Isolate every line in the data with the string "mode" and copy it.

··········

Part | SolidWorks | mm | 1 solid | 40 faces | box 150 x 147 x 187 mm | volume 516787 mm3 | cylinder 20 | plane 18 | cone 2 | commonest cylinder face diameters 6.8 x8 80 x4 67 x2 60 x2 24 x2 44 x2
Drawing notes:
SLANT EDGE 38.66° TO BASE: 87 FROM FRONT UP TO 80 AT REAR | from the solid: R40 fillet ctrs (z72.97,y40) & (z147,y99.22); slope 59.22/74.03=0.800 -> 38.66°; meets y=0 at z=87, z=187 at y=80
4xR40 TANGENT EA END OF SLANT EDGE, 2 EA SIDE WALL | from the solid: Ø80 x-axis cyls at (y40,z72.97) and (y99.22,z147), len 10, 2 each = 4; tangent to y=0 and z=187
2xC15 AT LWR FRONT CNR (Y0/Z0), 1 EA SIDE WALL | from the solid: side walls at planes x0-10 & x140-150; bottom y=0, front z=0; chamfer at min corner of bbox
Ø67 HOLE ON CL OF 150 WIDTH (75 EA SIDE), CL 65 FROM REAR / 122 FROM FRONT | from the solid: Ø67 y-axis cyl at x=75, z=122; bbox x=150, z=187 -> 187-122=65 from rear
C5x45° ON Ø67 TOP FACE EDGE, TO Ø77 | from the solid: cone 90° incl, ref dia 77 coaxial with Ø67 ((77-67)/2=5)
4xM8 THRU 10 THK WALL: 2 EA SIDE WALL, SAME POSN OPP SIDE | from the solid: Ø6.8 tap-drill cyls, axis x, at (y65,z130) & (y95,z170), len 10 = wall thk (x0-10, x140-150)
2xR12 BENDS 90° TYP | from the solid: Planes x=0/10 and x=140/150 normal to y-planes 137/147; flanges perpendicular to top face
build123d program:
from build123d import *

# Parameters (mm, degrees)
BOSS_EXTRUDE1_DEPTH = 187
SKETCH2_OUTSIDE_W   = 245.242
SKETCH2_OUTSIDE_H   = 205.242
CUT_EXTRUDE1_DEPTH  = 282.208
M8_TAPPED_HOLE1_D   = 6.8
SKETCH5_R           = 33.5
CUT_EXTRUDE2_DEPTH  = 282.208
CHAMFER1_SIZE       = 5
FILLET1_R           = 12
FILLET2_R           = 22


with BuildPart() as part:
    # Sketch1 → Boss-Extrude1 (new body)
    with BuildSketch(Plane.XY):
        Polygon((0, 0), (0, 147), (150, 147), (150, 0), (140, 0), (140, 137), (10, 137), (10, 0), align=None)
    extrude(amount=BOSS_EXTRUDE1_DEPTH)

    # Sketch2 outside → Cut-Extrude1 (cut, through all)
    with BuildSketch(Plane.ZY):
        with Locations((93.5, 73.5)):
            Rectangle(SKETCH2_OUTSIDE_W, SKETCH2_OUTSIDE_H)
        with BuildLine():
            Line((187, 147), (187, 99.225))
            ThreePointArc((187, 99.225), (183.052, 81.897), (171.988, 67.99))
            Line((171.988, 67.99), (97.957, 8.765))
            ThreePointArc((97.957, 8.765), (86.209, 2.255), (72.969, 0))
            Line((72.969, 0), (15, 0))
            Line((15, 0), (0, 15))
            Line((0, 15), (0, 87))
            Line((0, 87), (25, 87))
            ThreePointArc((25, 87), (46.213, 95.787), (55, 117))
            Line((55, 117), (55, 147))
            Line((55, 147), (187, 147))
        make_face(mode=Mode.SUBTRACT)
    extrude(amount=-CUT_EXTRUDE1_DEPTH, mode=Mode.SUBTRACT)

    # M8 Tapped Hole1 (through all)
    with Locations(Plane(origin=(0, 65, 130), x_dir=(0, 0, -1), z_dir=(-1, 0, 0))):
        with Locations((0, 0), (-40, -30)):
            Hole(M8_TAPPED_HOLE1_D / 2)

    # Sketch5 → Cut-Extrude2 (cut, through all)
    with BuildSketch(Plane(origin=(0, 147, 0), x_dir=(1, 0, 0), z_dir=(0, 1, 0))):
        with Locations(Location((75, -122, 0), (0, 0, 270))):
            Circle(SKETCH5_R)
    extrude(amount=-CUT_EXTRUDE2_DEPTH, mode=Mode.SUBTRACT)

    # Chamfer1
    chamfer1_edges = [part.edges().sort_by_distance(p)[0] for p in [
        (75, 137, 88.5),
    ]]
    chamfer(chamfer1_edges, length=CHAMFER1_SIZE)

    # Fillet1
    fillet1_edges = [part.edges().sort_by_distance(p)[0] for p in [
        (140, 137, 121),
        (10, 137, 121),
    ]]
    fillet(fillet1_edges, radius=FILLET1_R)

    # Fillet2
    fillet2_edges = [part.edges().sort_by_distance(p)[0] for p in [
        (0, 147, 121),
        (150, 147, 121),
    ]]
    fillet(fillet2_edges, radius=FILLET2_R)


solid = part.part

··········

▶ REPLY TO THE TASK
        make_face(mode=Mode.SUBTRACT)
    extrude(amount=-CUT_EXTRUDE1_DEPTH, mode=Mode.SUBTRACT)
    extrude(amount=-CUT_EXTRUDE2_DEPTH, mode=Mode.SUBTRACT)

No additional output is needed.